(Stored dataset items)
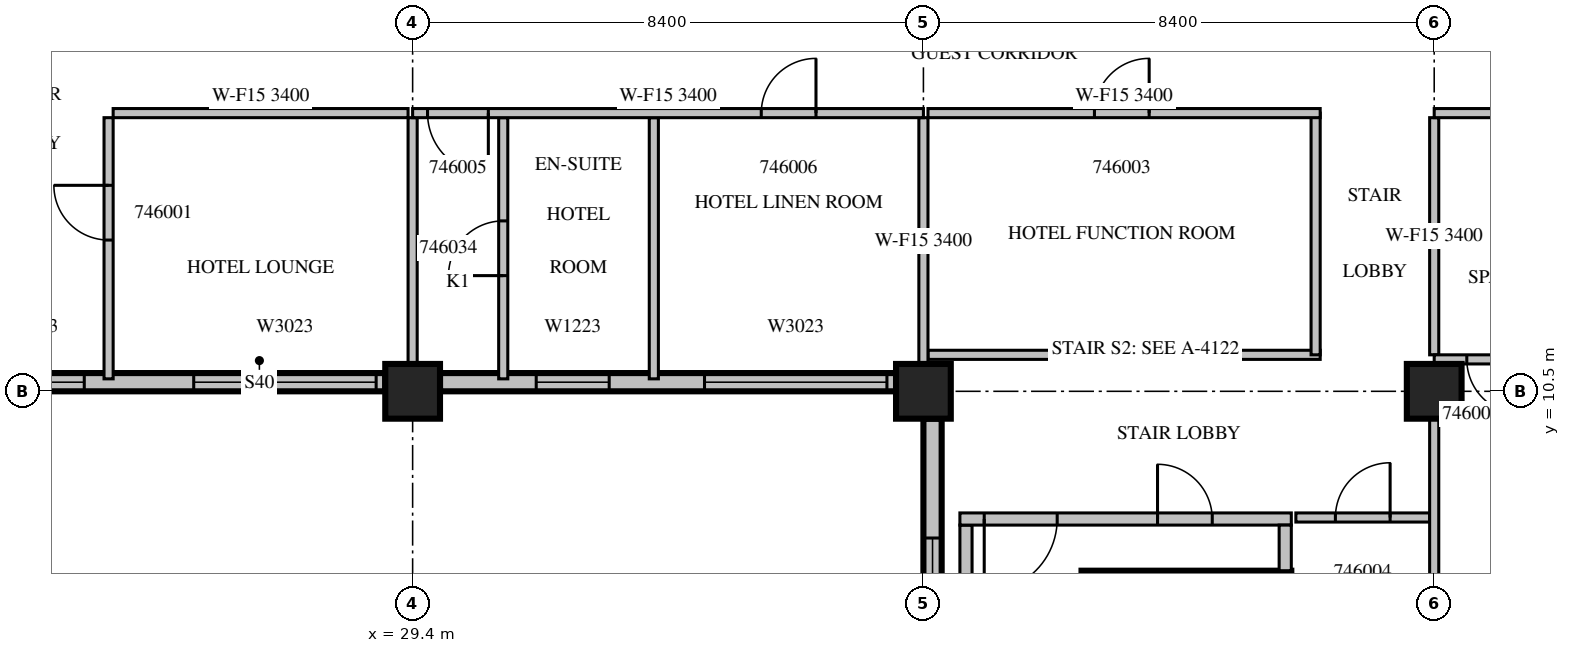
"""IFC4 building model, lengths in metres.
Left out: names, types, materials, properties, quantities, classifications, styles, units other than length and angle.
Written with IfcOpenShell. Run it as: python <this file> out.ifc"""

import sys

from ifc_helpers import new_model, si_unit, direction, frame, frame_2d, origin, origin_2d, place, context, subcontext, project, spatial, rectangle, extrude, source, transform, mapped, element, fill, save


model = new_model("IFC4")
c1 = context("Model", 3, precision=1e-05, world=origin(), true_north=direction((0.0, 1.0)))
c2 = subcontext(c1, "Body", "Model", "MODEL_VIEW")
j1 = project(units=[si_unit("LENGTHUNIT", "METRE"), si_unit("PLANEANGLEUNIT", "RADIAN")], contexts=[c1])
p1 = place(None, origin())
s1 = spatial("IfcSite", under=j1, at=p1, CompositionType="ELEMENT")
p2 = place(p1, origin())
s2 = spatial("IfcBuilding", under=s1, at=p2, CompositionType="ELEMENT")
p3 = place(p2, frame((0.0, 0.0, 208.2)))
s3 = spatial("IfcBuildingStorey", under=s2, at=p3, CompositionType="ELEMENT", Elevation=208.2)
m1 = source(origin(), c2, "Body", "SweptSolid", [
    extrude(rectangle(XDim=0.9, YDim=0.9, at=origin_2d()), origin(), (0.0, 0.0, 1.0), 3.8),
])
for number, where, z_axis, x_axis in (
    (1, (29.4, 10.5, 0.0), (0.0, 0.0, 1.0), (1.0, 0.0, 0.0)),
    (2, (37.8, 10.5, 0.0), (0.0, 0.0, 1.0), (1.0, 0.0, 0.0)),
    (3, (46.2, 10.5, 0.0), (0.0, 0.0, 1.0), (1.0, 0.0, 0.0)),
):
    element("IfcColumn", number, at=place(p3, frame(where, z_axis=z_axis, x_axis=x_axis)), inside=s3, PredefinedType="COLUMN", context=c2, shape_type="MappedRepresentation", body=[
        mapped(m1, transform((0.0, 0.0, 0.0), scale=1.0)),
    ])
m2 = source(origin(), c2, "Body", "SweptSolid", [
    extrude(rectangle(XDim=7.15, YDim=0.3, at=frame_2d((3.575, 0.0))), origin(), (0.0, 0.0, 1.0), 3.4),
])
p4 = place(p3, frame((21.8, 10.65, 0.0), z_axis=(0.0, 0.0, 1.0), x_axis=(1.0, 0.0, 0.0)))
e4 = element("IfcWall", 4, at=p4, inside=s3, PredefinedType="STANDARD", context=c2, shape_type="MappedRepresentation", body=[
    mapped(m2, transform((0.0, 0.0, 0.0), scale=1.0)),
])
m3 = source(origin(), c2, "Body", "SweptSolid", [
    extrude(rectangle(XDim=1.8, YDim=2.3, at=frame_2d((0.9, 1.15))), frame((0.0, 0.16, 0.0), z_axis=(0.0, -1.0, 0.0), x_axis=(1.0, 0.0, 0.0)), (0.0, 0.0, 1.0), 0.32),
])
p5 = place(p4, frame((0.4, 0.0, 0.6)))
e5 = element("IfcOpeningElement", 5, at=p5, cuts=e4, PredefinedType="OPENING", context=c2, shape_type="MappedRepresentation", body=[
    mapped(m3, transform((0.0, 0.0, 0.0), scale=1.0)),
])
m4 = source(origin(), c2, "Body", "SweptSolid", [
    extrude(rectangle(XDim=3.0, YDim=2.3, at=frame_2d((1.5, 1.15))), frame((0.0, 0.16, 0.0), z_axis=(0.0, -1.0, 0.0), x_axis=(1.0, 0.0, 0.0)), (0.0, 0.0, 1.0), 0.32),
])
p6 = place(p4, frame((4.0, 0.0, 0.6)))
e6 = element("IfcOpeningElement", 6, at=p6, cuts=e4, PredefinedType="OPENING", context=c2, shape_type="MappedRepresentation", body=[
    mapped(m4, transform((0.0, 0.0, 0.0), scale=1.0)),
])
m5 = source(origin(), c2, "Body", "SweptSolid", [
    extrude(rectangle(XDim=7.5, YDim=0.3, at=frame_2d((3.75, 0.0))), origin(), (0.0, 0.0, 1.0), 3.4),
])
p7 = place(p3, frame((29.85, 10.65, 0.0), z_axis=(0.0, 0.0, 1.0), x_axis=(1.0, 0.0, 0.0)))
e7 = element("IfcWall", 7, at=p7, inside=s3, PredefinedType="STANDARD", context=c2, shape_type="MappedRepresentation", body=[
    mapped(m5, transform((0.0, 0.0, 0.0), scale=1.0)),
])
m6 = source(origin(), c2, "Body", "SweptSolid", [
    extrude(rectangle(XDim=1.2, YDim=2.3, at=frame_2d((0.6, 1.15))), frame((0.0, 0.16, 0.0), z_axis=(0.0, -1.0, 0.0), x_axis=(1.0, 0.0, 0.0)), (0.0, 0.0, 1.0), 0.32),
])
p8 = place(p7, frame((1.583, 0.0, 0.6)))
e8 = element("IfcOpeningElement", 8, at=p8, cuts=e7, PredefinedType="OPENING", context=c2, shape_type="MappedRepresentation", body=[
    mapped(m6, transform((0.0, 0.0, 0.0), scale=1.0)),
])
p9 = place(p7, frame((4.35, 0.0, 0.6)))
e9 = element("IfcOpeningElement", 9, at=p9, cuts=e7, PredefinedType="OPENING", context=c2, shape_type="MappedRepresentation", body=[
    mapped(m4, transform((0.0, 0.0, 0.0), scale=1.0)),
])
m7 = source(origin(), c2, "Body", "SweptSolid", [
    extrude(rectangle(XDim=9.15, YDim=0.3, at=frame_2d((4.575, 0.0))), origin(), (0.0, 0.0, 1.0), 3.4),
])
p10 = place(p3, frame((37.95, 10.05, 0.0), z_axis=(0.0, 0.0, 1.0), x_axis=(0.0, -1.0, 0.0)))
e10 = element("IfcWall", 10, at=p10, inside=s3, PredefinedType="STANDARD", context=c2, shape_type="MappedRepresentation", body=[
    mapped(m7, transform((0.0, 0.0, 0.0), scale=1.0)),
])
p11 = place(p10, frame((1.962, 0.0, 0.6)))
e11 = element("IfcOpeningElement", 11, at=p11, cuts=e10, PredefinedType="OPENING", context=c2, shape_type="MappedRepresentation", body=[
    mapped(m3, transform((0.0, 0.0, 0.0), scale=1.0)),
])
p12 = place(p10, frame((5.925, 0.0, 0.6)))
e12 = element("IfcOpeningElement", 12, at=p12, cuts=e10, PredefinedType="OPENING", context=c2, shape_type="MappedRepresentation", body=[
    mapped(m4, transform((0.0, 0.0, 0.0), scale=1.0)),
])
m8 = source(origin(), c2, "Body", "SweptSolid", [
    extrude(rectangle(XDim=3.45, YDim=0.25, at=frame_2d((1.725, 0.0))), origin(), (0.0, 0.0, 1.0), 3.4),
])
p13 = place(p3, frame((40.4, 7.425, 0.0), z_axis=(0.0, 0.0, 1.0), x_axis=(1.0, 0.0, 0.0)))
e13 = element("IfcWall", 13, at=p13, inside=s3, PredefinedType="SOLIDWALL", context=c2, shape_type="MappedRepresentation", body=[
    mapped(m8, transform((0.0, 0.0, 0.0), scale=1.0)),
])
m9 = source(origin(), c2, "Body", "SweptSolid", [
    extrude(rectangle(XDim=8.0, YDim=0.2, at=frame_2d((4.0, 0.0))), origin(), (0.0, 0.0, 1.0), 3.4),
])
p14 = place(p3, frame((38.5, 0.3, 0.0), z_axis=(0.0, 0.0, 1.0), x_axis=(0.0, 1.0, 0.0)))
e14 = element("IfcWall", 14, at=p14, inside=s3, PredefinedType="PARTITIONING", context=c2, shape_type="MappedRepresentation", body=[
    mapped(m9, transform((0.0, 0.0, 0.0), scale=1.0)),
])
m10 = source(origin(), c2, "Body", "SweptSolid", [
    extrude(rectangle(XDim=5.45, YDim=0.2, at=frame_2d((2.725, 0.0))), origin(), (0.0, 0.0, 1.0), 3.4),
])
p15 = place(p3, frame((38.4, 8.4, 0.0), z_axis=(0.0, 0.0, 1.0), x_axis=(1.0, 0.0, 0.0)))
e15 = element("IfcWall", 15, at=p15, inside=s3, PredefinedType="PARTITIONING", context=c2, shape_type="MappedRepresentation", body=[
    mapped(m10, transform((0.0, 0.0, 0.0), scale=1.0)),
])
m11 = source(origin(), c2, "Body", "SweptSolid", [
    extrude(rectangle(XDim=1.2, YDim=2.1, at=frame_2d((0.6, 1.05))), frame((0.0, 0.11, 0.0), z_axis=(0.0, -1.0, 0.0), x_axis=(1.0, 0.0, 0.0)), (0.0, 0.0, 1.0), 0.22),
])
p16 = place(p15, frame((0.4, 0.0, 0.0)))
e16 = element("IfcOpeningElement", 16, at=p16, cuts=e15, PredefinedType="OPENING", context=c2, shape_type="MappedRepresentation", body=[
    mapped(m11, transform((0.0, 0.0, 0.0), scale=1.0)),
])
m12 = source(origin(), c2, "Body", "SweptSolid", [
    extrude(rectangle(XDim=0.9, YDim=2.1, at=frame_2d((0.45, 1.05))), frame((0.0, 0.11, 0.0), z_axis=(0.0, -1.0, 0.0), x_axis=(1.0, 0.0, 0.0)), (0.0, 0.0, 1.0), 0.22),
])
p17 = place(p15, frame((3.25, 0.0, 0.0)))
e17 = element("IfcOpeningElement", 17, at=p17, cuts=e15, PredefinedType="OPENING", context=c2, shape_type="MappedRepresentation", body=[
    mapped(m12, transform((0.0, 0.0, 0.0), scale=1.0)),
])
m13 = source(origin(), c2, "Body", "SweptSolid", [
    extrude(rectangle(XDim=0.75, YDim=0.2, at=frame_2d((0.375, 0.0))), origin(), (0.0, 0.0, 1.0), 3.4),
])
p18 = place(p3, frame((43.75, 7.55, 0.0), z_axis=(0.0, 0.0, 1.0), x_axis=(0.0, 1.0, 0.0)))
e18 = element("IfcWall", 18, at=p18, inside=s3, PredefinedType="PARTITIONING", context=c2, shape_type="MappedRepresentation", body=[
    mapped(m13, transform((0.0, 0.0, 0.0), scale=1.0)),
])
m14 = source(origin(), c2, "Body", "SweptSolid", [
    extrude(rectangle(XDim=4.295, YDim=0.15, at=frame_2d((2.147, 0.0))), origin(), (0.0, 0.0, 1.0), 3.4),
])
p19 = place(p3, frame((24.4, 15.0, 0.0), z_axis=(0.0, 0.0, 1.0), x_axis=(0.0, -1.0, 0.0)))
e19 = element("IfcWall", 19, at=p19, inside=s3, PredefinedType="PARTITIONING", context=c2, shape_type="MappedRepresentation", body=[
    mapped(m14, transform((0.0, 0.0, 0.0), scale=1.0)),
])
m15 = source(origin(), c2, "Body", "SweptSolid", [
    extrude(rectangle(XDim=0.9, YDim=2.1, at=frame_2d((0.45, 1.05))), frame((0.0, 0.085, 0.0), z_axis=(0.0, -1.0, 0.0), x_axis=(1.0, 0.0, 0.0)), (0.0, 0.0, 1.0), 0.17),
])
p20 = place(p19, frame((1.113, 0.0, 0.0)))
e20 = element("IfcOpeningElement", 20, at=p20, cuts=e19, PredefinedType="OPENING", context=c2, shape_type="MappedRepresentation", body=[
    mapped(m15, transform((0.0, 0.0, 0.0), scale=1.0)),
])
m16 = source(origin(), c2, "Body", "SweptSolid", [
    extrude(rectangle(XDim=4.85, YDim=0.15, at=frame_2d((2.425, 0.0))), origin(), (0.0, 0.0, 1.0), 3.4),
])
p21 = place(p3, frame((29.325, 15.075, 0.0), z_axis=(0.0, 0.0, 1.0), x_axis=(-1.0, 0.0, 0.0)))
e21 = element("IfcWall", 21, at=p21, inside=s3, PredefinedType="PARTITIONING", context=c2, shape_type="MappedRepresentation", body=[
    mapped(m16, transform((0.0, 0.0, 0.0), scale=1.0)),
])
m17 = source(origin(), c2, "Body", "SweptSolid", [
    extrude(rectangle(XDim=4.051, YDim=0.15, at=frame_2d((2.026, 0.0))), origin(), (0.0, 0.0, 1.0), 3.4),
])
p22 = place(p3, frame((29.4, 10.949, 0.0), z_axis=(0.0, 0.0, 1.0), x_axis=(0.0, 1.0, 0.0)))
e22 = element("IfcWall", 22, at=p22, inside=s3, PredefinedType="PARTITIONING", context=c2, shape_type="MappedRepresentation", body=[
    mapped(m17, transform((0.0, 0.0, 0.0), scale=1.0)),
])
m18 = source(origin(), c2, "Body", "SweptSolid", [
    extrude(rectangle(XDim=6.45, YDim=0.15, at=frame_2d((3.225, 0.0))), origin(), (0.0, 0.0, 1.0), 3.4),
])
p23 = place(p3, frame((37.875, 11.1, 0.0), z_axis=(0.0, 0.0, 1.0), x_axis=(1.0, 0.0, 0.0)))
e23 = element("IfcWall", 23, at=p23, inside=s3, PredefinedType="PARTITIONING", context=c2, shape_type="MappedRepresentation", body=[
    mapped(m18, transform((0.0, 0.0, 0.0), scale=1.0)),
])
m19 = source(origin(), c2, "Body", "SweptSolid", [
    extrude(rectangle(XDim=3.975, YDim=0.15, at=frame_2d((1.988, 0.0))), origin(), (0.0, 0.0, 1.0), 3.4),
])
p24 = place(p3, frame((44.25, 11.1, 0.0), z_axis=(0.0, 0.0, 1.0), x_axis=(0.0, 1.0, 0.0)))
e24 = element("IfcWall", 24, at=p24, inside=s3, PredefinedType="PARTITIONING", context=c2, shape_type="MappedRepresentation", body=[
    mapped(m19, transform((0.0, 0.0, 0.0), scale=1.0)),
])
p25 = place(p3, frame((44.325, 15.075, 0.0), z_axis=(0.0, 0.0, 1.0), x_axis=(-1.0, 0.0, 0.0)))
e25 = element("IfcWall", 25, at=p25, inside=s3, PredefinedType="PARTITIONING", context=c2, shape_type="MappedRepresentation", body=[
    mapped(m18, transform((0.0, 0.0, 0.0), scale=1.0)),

• Task: Give the number of lines in the data that contain the string "OPENING" and nothing more.

• Answer box: 9